##### DATA PROVIDED #####

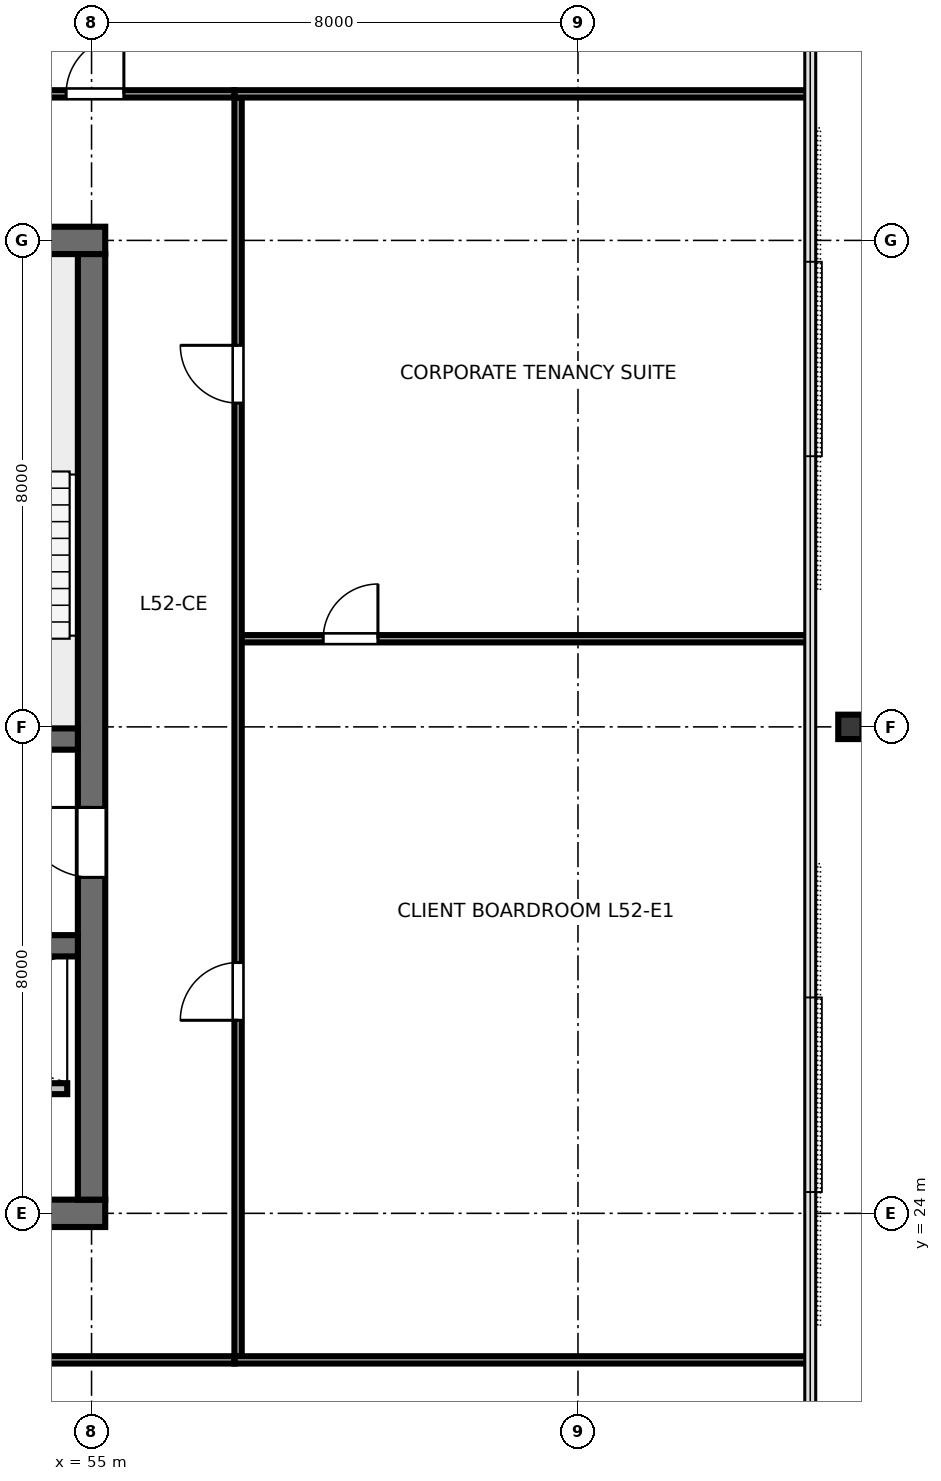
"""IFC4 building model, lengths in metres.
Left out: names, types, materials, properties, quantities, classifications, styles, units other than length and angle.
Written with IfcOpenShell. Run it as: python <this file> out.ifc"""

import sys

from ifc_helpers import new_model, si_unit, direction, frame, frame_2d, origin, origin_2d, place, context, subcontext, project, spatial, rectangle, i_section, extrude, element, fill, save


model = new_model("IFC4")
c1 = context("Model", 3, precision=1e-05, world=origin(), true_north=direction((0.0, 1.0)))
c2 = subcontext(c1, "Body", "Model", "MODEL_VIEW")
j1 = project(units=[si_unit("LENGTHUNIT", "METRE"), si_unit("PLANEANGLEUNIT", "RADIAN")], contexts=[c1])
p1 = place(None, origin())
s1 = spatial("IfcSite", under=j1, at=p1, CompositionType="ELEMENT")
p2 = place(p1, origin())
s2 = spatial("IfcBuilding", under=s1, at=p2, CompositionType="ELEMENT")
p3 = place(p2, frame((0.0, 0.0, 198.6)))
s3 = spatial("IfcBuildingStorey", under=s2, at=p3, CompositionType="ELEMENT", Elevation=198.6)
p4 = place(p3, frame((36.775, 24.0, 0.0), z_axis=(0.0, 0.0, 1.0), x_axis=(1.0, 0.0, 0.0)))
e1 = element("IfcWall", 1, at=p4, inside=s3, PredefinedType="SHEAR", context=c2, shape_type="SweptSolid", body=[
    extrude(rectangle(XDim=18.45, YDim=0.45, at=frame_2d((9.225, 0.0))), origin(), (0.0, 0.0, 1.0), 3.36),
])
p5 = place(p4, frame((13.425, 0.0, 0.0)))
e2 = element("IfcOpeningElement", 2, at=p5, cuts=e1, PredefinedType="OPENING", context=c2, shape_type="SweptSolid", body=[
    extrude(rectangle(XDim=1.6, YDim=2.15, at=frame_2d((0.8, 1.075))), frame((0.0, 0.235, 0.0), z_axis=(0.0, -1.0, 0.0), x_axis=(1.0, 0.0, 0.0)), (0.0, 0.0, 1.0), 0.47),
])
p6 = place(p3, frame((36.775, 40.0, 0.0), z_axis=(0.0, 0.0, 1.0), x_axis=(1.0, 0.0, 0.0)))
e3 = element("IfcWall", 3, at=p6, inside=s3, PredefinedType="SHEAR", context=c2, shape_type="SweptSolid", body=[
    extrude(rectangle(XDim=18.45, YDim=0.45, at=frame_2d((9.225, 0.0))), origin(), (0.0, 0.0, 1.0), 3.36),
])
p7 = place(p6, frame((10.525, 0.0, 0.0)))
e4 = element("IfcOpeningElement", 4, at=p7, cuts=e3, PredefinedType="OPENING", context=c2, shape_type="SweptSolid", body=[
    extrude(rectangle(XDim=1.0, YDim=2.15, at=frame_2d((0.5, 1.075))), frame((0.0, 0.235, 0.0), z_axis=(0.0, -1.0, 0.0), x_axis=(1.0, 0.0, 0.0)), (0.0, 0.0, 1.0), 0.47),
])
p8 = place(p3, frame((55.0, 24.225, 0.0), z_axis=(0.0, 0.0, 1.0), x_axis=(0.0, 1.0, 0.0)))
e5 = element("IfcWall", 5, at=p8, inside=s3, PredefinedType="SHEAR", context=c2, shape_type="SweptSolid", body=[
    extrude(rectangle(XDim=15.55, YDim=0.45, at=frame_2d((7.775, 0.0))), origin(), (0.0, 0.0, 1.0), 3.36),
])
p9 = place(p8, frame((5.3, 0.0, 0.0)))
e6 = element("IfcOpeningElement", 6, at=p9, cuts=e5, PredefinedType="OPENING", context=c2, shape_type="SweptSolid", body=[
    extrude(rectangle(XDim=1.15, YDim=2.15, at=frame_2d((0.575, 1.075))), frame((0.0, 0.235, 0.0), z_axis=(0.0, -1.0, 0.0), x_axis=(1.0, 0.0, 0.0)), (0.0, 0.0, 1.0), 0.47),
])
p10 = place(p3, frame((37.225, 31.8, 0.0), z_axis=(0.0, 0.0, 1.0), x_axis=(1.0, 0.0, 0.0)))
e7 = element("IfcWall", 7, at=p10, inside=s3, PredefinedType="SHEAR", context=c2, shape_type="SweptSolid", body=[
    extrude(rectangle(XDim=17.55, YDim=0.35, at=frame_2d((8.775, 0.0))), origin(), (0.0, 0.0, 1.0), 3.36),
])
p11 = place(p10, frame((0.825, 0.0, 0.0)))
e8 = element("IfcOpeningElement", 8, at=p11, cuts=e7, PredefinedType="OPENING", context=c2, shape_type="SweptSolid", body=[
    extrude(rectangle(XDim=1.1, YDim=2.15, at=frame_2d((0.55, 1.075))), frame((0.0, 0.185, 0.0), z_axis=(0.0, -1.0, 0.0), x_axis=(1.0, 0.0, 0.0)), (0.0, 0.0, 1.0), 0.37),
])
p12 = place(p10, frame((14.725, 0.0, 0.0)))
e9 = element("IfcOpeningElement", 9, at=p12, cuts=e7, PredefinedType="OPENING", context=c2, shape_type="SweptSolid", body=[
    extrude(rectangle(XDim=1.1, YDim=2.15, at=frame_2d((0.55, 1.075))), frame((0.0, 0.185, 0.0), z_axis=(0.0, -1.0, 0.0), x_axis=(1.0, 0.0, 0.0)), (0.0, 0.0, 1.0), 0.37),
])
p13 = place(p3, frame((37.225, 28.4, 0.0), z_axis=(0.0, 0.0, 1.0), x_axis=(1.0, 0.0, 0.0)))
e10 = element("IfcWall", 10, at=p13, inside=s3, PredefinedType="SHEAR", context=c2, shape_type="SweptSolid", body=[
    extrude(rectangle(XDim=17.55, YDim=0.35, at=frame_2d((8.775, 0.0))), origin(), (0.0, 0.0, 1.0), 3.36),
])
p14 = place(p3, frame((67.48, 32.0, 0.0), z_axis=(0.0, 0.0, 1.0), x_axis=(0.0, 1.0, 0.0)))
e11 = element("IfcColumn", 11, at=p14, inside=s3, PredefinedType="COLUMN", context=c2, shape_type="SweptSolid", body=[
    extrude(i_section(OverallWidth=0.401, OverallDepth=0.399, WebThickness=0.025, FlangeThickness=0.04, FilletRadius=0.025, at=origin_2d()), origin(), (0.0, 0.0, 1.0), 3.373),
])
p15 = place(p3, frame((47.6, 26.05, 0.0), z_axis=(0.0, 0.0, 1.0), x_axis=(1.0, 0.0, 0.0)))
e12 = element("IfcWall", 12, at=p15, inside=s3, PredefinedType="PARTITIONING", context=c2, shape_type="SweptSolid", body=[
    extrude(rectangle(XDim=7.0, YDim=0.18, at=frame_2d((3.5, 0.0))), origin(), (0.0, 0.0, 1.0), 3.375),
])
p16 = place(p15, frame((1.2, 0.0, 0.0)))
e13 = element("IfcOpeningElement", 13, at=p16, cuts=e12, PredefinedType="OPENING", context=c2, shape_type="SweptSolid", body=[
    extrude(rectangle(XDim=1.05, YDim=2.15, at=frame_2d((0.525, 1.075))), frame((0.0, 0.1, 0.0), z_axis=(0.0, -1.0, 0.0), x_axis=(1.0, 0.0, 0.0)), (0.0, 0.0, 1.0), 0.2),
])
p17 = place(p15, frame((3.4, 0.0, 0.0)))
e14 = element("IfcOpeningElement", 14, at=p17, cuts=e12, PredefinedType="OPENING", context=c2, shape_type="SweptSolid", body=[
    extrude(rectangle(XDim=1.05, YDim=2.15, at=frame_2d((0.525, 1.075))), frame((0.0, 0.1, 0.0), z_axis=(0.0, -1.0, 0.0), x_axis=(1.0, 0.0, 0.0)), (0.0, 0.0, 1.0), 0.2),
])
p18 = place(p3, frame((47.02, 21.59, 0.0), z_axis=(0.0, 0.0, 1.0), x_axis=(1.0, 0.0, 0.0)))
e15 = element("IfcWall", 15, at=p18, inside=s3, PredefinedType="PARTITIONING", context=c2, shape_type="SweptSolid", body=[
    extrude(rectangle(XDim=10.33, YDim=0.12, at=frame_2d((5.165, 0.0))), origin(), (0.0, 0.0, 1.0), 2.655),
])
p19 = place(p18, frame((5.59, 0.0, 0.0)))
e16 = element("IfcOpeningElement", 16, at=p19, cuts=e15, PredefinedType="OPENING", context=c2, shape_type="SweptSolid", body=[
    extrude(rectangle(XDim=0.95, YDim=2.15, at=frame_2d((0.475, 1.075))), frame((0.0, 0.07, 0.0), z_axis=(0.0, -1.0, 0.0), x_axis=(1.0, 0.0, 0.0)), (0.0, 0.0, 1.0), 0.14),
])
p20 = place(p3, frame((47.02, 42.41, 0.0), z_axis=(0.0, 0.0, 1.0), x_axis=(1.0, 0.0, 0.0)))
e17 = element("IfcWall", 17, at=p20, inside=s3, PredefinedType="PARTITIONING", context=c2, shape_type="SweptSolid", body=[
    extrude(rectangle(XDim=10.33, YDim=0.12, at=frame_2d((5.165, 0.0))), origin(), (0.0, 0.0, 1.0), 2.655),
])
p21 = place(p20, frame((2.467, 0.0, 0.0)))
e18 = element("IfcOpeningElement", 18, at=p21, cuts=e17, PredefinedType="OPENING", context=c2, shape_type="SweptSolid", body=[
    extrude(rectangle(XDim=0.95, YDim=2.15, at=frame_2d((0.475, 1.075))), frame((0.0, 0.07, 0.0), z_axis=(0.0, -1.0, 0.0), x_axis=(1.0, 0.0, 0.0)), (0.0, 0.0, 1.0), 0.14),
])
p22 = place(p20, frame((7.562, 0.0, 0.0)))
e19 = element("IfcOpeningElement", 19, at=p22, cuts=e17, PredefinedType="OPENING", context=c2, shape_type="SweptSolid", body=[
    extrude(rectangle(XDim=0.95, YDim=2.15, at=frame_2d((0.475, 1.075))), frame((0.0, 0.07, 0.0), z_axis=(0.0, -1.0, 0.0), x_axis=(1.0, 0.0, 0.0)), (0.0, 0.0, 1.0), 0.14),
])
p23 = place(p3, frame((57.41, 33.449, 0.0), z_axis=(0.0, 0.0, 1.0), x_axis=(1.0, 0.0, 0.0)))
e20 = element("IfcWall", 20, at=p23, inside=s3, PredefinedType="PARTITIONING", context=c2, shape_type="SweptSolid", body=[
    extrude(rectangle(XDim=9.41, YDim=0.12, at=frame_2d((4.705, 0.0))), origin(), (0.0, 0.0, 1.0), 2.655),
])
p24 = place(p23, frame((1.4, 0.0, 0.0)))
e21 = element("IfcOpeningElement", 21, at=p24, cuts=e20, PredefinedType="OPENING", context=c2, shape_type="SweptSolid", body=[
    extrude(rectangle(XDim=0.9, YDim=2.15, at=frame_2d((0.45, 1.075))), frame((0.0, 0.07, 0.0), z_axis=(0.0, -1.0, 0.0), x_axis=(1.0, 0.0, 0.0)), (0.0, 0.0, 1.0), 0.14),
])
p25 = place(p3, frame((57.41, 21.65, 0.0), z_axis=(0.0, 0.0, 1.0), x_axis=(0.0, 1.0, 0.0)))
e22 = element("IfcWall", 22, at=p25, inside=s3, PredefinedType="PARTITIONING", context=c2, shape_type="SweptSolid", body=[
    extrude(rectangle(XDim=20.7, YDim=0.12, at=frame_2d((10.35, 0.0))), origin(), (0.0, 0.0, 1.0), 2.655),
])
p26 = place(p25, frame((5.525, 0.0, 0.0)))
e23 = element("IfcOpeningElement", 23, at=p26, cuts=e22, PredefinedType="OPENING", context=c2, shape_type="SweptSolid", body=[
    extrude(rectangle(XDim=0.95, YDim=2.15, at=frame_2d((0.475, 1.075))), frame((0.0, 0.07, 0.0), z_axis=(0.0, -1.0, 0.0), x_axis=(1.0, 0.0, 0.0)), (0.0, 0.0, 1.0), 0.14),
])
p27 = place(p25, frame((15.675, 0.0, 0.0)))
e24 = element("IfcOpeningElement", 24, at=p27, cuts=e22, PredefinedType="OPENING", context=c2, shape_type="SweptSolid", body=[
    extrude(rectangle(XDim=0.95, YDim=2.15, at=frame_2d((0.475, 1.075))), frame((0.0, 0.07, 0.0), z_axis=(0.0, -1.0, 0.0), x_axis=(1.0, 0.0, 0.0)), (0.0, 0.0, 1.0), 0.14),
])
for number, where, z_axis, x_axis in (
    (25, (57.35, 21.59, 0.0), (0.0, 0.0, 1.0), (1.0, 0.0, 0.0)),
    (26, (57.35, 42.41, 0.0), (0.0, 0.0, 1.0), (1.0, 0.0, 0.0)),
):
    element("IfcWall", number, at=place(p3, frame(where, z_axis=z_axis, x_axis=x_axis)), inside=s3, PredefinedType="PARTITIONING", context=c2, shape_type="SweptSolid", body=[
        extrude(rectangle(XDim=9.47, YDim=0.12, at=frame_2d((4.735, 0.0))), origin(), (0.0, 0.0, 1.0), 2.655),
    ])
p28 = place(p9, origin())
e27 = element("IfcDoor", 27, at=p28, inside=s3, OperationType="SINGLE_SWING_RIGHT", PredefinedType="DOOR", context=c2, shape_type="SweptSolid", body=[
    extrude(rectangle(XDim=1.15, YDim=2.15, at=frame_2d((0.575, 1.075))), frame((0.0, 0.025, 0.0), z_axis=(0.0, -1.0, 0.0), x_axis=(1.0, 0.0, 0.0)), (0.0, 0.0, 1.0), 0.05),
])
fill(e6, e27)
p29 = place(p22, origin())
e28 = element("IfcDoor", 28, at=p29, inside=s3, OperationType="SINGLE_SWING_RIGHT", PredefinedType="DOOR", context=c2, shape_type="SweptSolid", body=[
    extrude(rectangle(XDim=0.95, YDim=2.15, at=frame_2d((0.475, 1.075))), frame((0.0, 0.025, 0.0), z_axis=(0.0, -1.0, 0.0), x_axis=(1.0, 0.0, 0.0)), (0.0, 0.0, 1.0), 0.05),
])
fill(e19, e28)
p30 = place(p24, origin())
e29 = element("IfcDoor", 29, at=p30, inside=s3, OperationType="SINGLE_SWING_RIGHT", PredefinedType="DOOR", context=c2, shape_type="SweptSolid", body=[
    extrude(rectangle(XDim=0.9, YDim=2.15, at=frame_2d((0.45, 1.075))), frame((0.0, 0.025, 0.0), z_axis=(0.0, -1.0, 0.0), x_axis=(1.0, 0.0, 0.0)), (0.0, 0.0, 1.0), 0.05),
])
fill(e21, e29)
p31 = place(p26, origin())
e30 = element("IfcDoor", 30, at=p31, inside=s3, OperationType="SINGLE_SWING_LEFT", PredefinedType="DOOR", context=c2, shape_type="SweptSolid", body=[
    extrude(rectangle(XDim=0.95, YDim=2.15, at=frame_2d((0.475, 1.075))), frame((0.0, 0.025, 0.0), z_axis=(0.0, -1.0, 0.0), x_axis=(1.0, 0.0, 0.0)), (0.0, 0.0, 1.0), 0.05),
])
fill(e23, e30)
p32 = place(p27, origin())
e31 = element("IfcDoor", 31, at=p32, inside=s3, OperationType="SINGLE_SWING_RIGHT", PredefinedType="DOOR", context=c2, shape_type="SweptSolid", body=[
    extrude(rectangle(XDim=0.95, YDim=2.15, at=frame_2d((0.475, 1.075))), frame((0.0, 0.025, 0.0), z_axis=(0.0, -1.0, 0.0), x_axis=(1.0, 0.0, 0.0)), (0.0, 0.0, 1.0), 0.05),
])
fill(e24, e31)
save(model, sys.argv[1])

#####

## AIM OF THE EXERCISE
Of the lines in the data, report each one containing the string "PARTITIONING".

## TASK SOLUTION
e12 = element("IfcWall", 12, at=p15, inside=s3, PredefinedType="PARTITIONING", context=c2, shape_type="SweptSolid", body=[
e15 = element("IfcWall", 15, at=p18, inside=s3, PredefinedType="PARTITIONING", context=c2, shape_type="SweptSolid", body=[
e17 = element("IfcWall", 17, at=p20, inside=s3, PredefinedType="PARTITIONING", context=c2, shape_type="SweptSolid", body=[
e20 = element("IfcWall", 20, at=p23, inside=s3, PredefinedType="PARTITIONING", context=c2, shape_type="SweptSolid", body=[
e22 = element("IfcWall", 22, at=p25, inside=s3, PredefinedType="PARTITIONING", context=c2, shape_type="SweptSolid", body=[
    element("IfcWall", number, at=place(p3, frame(where, z_axis=z_axis, x_axis=x_axis)), inside=s3, PredefinedType="PARTITIONING", context=c2, shape_type="SweptSolid", body=[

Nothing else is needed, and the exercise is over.